[HOW TO COMPLETE THIS TASK] Retype word for word the lines of the data below, from the first to the one bearing "arc A7 (46.1426, -11.668)", with that one included.

····················

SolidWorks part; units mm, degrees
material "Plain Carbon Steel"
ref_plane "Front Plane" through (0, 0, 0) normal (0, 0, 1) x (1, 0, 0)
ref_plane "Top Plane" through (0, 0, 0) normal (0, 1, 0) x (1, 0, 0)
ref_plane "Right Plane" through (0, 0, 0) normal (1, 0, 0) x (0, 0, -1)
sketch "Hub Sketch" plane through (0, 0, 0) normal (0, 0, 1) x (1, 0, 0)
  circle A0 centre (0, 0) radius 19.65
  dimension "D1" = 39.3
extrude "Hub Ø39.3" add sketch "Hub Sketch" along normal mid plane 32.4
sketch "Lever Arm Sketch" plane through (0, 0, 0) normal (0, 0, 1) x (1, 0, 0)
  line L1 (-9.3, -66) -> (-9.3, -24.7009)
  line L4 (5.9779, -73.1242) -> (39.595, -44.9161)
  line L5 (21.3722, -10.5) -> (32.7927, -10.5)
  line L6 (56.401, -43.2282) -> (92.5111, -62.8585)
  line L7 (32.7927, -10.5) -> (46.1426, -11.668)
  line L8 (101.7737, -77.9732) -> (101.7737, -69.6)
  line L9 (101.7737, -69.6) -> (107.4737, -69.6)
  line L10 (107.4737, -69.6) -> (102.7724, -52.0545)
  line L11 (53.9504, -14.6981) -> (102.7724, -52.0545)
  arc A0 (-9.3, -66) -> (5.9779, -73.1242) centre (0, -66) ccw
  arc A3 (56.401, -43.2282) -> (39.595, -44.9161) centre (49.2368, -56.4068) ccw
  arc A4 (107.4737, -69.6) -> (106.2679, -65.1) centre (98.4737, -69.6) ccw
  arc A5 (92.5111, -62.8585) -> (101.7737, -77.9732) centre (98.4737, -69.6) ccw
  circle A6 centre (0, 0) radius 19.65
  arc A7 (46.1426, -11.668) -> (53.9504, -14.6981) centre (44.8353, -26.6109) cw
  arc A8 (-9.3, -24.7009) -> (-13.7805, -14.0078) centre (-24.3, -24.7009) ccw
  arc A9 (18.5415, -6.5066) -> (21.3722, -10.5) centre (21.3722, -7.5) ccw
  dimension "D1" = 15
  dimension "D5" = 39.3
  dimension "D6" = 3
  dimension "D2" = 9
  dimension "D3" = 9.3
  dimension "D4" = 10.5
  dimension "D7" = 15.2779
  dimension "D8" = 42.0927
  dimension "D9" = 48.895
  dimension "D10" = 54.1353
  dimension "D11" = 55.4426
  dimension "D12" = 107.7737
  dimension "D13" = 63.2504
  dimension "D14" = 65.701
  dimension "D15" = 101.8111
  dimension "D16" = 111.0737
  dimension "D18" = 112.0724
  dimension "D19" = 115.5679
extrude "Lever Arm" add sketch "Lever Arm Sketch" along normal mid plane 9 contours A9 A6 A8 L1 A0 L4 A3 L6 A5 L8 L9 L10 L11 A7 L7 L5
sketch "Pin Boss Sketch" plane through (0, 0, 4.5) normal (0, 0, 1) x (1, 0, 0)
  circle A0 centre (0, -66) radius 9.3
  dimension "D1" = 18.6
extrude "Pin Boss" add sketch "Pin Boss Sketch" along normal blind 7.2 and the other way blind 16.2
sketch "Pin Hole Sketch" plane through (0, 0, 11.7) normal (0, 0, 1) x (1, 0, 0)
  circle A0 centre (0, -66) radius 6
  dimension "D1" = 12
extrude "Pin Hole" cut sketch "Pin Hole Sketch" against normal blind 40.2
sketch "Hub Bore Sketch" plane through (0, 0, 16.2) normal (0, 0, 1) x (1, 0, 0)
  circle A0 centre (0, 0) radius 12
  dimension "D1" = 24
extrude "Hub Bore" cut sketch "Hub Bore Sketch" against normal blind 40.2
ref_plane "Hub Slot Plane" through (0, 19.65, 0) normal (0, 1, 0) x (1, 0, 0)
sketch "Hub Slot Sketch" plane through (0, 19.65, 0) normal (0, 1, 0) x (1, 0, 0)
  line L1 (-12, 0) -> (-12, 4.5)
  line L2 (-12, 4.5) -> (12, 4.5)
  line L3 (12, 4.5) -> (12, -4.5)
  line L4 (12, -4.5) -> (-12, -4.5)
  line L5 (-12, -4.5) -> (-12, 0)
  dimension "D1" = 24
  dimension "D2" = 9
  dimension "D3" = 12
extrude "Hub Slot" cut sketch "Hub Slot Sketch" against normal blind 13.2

····················

[RESULT BELOW]
SolidWorks part; units mm, degrees
material "Plain Carbon Steel"
ref_plane "Front Plane" through (0, 0, 0) normal (0, 0, 1) x (1, 0, 0)
ref_plane "Top Plane" through (0, 0, 0) normal (0, 1, 0) x (1, 0, 0)
ref_plane "Right Plane" through (0, 0, 0) normal (1, 0, 0) x (0, 0, -1)
sketch "Hub Sketch" plane through (0, 0, 0) normal (0, 0, 1) x (1, 0, 0)
  circle A0 centre (0, 0) radius 19.65
  dimension "D1" = 39.3
extrude "Hub Ø39.3" add sketch "Hub Sketch" along normal mid plane 32.4
sketch "Lever Arm Sketch" plane through (0, 0, 0) normal (0, 0, 1) x (1, 0, 0)
  line L1 (-9.3, -66) -> (-9.3, -24.7009)
  line L4 (5.9779, -73.1242) -> (39.595, -44.9161)
  line L5 (21.3722, -10.5) -> (32.7927, -10.5)
  line L6 (56.401, -43.2282) -> (92.5111, -62.8585)
  line L7 (32.7927, -10.5) -> (46.1426, -11.668)
  line L8 (101.7737, -77.9732) -> (101.7737, -69.6)
  line L9 (101.7737, -69.6) -> (107.4737, -69.6)
  line L10 (107.4737, -69.6) -> (102.7724, -52.0545)
  line L11 (53.9504, -14.6981) -> (102.7724, -52.0545)
  arc A0 (-9.3, -66) -> (5.9779, -73.1242) centre (0, -66) ccw
  arc A3 (56.401, -43.2282) -> (39.595, -44.9161) centre (49.2368, -56.4068) ccw
  arc A4 (107.4737, -69.6) -> (106.2679, -65.1) centre (98.4737, -69.6) ccw
  arc A5 (92.5111, -62.8585) -> (101.7737, -77.9732) centre (98.4737, -69.6) ccw
  circle A6 centre (0, 0) radius 19.65
  arc A7 (46.1426, -11.668) -> (53.9504, -14.6981) centre (44.8353, -26.6109) cw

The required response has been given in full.